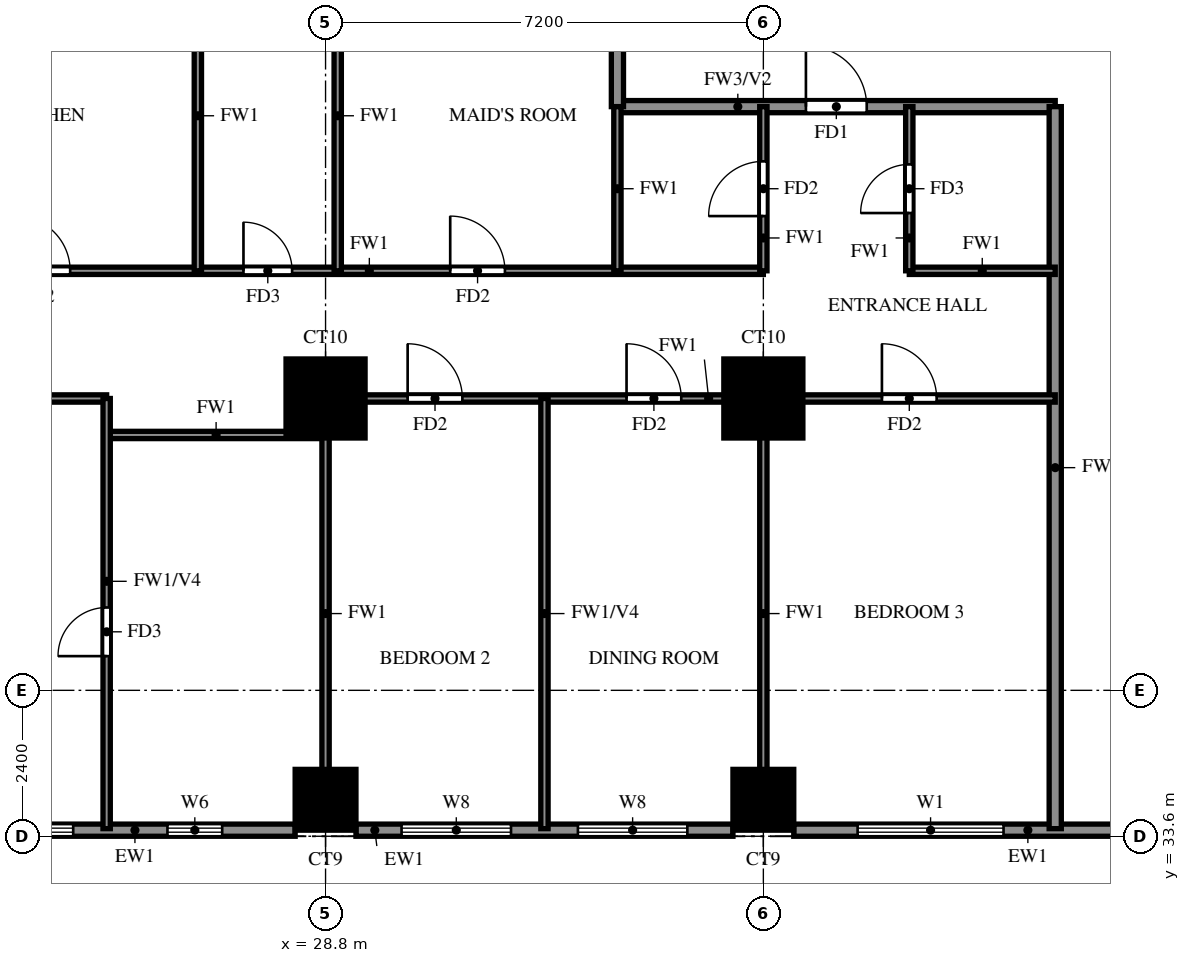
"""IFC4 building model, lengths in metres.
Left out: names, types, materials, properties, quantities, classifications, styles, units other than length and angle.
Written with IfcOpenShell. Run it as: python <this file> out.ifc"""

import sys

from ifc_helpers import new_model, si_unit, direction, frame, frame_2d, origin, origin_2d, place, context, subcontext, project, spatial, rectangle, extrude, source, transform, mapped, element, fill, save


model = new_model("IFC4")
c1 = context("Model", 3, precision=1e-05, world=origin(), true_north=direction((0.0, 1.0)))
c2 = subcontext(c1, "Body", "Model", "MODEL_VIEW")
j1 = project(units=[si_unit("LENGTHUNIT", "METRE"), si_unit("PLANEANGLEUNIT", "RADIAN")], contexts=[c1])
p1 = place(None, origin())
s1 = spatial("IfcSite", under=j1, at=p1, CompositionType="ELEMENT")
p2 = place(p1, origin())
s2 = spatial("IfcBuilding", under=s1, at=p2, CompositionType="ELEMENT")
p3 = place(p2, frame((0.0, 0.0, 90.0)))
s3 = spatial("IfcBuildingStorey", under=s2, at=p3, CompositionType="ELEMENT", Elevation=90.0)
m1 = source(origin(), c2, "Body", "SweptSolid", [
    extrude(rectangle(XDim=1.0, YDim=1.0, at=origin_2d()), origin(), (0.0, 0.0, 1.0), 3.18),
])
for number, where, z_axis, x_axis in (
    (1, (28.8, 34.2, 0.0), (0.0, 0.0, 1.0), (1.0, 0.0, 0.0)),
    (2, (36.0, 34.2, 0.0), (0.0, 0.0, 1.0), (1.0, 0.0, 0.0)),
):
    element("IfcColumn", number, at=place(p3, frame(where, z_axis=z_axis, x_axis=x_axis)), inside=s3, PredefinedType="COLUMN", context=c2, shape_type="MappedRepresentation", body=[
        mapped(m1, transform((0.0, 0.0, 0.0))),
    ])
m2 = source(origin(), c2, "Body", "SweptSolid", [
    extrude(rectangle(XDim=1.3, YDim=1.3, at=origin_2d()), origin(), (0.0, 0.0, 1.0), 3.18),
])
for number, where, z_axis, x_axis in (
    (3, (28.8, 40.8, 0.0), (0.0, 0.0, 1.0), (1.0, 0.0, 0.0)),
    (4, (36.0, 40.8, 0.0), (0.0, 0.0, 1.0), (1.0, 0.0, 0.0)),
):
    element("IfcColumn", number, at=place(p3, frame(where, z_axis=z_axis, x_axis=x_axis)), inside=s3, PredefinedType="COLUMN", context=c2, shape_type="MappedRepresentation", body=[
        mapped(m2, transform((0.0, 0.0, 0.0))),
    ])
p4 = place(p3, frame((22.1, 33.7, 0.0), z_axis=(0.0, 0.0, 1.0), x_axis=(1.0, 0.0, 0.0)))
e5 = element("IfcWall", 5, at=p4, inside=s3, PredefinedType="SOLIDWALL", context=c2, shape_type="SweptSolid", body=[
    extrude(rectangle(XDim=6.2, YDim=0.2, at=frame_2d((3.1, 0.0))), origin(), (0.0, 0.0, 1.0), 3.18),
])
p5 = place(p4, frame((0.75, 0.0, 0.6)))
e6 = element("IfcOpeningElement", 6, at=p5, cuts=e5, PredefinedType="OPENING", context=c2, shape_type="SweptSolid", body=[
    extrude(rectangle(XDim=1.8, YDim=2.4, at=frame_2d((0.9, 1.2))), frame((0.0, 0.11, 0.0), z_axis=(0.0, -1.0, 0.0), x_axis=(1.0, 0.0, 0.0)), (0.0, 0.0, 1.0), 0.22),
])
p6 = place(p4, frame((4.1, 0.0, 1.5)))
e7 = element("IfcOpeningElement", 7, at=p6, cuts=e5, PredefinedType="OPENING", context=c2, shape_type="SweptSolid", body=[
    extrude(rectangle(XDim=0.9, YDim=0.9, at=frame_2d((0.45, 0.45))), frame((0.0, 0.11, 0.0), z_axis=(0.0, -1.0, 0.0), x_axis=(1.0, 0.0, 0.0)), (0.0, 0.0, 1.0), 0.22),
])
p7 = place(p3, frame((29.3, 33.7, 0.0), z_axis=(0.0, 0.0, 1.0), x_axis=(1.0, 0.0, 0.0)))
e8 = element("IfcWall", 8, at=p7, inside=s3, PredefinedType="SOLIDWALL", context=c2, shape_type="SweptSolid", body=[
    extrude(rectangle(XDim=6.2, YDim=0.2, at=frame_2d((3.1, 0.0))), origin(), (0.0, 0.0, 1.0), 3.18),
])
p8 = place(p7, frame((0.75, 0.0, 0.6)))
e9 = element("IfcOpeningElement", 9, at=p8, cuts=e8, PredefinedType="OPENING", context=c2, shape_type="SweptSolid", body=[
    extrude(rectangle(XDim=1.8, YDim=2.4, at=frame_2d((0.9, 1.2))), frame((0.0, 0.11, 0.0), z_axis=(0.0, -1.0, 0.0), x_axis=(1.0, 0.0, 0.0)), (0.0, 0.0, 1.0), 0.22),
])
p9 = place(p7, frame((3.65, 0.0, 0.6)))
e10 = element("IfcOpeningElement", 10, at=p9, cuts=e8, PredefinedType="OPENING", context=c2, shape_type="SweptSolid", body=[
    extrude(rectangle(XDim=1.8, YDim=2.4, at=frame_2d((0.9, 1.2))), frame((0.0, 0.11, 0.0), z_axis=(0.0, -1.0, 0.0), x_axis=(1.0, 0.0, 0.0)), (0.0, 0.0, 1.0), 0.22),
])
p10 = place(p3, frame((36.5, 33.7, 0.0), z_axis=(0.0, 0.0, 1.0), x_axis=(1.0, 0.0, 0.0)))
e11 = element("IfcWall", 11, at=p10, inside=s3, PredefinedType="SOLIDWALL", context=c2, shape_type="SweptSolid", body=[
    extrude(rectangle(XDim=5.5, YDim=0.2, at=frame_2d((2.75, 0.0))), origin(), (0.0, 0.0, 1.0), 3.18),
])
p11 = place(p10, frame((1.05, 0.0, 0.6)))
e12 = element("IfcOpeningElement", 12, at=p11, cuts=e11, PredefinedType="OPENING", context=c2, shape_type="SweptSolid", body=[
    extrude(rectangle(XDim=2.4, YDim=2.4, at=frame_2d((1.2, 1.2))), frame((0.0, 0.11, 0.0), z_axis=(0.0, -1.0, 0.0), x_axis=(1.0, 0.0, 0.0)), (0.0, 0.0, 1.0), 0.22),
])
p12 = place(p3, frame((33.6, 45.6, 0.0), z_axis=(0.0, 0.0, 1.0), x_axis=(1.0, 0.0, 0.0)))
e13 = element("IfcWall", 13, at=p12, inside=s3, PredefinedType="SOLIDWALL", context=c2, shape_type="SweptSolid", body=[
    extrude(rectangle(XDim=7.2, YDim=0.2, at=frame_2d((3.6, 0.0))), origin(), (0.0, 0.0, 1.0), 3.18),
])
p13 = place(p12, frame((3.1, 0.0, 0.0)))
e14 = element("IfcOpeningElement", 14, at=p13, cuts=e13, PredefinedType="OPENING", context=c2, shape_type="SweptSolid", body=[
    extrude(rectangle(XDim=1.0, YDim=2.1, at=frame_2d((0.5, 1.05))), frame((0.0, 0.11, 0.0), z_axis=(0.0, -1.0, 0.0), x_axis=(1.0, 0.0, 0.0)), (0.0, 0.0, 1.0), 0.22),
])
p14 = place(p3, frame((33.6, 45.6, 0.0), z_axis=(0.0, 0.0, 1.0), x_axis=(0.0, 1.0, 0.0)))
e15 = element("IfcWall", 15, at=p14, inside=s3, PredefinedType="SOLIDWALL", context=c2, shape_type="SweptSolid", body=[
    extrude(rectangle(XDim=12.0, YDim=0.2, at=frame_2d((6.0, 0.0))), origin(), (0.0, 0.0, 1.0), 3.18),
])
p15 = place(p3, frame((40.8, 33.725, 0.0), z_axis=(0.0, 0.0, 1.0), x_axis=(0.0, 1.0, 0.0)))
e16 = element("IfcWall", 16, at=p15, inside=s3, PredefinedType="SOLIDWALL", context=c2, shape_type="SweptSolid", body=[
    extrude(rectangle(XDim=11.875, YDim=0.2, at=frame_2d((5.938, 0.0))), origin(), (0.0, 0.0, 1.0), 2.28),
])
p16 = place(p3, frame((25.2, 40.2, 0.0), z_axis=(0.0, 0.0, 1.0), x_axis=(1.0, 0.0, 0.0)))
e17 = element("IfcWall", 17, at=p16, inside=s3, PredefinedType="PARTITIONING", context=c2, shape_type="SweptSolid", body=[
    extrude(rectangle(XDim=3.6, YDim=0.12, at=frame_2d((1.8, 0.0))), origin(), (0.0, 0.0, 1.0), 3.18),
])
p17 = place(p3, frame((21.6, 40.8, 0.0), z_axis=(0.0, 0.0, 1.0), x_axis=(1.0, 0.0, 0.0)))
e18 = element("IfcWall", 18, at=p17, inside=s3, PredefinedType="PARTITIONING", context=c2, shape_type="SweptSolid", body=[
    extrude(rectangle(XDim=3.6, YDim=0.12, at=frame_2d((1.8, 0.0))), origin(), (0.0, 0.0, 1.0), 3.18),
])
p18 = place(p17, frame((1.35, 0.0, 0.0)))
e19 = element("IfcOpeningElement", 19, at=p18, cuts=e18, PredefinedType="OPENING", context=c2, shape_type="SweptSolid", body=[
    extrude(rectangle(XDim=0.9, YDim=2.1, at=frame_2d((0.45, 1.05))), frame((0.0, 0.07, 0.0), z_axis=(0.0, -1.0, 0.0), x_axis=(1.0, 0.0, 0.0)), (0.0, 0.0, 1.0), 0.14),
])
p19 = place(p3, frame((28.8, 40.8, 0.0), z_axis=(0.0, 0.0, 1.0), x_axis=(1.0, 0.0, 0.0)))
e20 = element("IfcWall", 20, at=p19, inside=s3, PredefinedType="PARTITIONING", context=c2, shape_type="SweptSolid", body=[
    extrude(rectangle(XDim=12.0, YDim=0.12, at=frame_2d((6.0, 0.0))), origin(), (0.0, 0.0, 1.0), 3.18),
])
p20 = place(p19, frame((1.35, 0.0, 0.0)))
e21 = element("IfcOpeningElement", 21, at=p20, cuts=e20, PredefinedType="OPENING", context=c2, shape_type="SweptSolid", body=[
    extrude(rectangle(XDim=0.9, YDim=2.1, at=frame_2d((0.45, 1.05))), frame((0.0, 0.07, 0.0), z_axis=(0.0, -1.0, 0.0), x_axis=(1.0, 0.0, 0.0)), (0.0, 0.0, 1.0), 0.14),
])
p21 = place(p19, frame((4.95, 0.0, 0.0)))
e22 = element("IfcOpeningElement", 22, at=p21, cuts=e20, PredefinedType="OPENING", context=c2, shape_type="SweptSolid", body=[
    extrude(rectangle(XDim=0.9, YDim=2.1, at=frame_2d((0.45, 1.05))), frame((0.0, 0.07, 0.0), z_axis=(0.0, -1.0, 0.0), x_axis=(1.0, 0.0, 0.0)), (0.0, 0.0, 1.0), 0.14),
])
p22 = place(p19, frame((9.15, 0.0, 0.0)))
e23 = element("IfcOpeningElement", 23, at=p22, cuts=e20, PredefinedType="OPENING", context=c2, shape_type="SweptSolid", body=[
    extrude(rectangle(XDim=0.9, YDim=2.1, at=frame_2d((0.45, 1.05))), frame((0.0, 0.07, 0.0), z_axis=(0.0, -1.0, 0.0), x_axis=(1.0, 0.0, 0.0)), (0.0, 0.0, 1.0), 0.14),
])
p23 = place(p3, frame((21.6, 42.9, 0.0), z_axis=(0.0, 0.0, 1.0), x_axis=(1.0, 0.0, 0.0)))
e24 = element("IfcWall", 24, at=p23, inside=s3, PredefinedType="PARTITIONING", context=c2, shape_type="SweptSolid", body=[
──────
§ What needs to be done
Check each line above for the word "project". Then state how many lines contain it, and nothing more.

§ Written answer
2